:: Task directions ::
If a line in the records below contains "number", copy that line.

:: Material supplied ::

»»

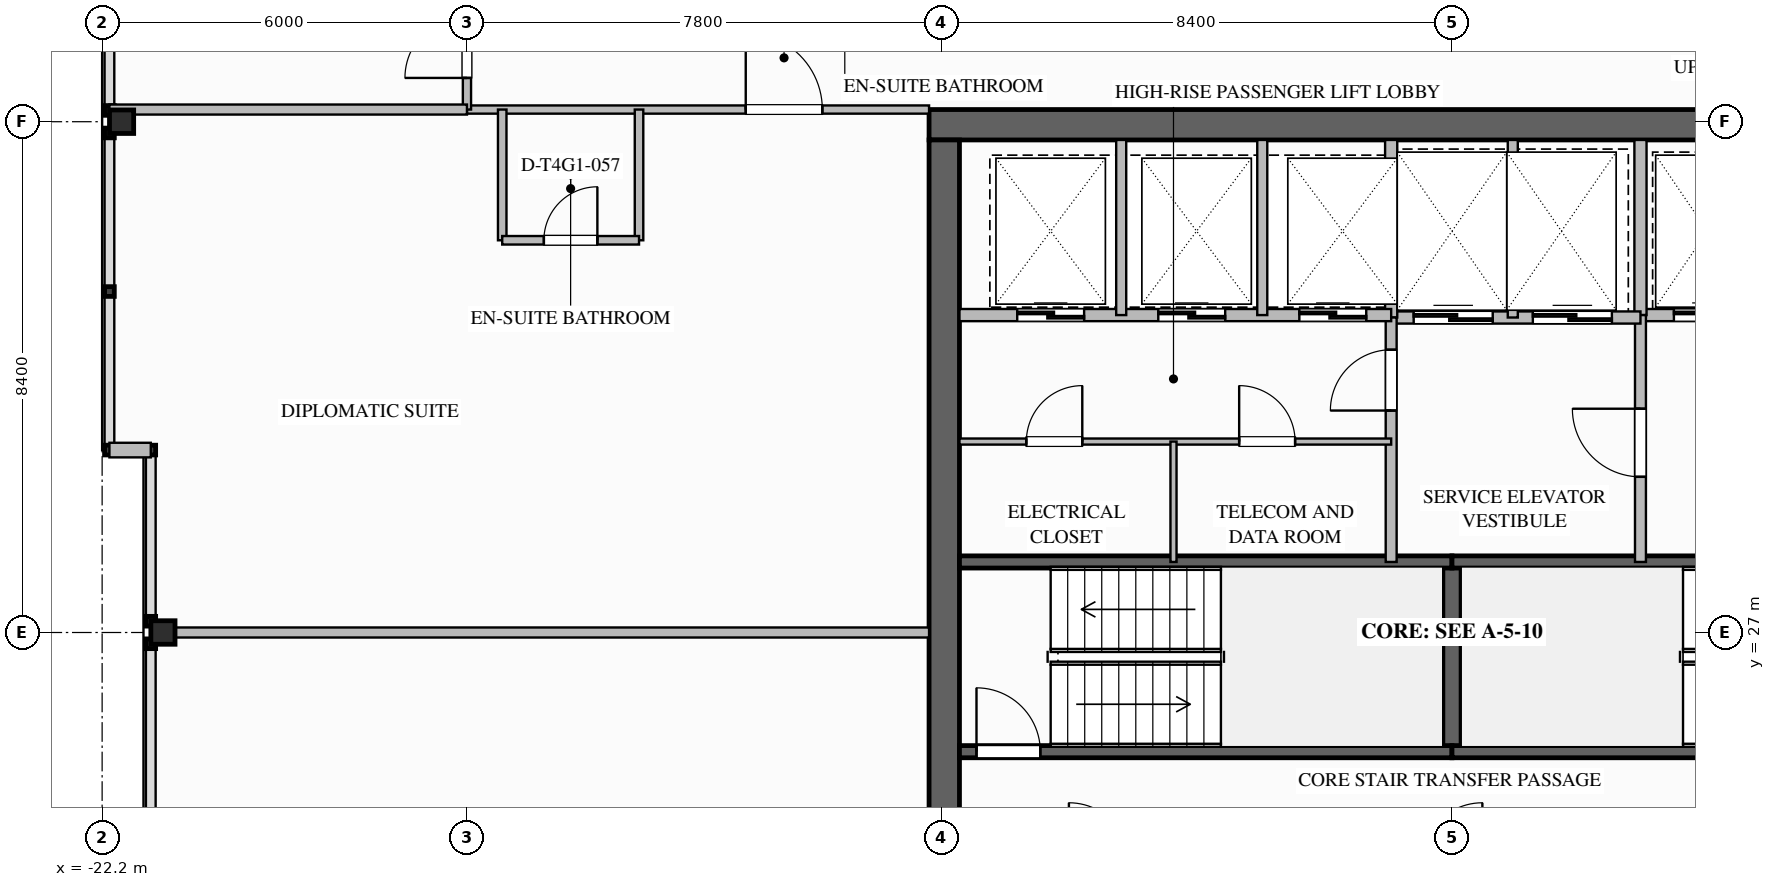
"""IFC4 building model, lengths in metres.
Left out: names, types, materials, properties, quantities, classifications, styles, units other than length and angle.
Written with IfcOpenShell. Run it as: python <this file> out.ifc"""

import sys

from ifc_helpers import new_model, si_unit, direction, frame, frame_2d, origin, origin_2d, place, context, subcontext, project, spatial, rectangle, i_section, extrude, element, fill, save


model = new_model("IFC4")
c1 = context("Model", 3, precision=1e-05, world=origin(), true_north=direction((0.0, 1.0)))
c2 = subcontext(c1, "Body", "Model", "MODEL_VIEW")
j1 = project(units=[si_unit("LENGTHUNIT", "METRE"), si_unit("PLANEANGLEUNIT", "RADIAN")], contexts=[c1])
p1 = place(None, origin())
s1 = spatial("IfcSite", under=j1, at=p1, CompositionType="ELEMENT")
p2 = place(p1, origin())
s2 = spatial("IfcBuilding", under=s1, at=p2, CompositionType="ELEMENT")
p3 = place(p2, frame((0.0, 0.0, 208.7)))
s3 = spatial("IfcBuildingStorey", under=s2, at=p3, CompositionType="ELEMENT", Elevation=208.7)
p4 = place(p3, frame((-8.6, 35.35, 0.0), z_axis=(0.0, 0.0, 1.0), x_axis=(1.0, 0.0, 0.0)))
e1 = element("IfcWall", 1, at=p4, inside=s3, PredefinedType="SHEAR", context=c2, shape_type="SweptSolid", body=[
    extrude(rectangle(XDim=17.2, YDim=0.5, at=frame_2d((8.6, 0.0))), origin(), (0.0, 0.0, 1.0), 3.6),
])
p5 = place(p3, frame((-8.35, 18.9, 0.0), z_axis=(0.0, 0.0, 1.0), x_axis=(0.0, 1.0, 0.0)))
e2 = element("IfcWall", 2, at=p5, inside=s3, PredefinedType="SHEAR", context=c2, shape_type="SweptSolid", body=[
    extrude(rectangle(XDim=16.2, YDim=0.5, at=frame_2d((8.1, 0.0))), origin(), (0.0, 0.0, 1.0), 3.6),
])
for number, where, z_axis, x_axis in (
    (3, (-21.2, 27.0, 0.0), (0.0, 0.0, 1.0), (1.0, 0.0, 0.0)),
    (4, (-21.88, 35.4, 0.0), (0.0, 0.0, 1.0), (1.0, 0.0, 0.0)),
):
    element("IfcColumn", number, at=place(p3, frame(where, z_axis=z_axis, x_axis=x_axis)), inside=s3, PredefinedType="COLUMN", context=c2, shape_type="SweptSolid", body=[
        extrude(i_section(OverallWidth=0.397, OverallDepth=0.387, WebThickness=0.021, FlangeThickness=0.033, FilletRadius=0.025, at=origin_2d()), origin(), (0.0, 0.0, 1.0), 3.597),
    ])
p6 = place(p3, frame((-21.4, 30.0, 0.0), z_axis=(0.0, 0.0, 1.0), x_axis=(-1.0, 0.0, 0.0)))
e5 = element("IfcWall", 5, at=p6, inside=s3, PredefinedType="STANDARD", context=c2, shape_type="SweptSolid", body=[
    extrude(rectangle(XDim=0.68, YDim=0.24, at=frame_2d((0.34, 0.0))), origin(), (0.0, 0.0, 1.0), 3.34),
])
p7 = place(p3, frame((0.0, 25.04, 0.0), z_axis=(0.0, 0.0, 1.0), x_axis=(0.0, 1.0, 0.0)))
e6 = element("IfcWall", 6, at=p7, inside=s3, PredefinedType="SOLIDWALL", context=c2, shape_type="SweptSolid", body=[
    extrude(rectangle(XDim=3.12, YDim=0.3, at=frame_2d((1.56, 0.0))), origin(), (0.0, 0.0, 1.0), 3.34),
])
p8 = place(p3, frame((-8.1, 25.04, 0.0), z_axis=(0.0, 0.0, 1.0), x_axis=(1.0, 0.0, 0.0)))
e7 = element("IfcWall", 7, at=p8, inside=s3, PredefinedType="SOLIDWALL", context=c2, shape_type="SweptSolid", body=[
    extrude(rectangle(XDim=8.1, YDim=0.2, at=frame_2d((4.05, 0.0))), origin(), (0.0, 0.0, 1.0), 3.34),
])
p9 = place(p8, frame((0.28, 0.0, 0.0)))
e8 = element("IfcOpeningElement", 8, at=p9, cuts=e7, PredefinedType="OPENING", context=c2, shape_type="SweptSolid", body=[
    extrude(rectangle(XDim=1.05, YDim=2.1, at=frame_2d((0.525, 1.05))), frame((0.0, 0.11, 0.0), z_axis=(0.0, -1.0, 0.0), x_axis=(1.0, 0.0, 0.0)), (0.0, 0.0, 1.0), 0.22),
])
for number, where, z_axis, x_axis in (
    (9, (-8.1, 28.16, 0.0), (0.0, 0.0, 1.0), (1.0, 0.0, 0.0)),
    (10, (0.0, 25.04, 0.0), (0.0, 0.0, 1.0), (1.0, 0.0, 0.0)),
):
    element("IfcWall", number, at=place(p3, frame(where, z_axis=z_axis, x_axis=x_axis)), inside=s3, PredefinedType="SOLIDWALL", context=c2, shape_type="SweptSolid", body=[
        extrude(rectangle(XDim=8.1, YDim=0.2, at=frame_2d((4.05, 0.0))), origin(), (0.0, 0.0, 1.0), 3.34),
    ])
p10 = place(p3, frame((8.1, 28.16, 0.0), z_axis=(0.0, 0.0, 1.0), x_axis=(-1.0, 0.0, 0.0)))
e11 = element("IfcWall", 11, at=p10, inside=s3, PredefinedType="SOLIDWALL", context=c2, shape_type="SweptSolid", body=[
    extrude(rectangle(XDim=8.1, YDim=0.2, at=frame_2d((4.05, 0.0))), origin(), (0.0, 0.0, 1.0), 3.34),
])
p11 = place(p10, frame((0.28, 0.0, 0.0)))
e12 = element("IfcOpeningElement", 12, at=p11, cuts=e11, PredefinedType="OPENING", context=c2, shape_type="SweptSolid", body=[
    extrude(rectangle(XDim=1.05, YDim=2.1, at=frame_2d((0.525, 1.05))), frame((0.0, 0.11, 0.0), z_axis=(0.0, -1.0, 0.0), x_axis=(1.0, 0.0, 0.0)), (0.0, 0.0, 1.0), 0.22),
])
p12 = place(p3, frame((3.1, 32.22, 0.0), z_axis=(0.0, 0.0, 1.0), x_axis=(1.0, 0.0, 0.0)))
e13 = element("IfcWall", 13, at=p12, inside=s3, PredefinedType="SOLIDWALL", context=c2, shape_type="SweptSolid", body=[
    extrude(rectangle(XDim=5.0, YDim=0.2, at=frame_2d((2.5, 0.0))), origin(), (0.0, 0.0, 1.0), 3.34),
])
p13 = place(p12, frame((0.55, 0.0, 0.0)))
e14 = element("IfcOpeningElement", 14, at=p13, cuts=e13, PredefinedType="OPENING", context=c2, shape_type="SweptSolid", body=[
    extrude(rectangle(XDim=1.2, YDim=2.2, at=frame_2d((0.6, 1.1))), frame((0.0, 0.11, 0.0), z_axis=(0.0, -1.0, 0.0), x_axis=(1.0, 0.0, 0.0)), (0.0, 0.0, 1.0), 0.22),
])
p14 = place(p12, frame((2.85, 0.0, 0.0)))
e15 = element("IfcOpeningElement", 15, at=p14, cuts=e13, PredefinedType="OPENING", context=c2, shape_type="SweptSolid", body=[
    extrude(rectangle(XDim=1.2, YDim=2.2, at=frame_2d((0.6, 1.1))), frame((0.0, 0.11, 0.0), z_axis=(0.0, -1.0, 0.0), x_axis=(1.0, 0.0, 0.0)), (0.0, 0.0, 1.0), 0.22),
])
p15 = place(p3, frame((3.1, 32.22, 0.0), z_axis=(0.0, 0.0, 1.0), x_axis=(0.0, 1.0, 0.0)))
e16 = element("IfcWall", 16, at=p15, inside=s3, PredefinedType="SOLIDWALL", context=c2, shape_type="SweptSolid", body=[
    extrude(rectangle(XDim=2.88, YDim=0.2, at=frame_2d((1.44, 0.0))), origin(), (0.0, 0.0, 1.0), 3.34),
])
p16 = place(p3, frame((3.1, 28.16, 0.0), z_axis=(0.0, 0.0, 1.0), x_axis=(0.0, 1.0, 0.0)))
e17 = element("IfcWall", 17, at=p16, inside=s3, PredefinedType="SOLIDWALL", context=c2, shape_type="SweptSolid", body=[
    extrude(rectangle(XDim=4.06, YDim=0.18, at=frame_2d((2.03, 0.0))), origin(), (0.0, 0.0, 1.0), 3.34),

««

:: Response for this exercise ::
for number, where, z_axis, x_axis in (
    element("IfcColumn", number, at=place(p3, frame(where, z_axis=z_axis, x_axis=x_axis)), inside=s3, PredefinedType="COLUMN", context=c2, shape_type="SweptSolid", body=[
for number, where, z_axis, x_axis in (
    element("IfcWall", number, at=place(p3, frame(where, z_axis=z_axis, x_axis=x_axis)), inside=s3, PredefinedType="SOLIDWALL", context=c2, shape_type="SweptSolid", body=[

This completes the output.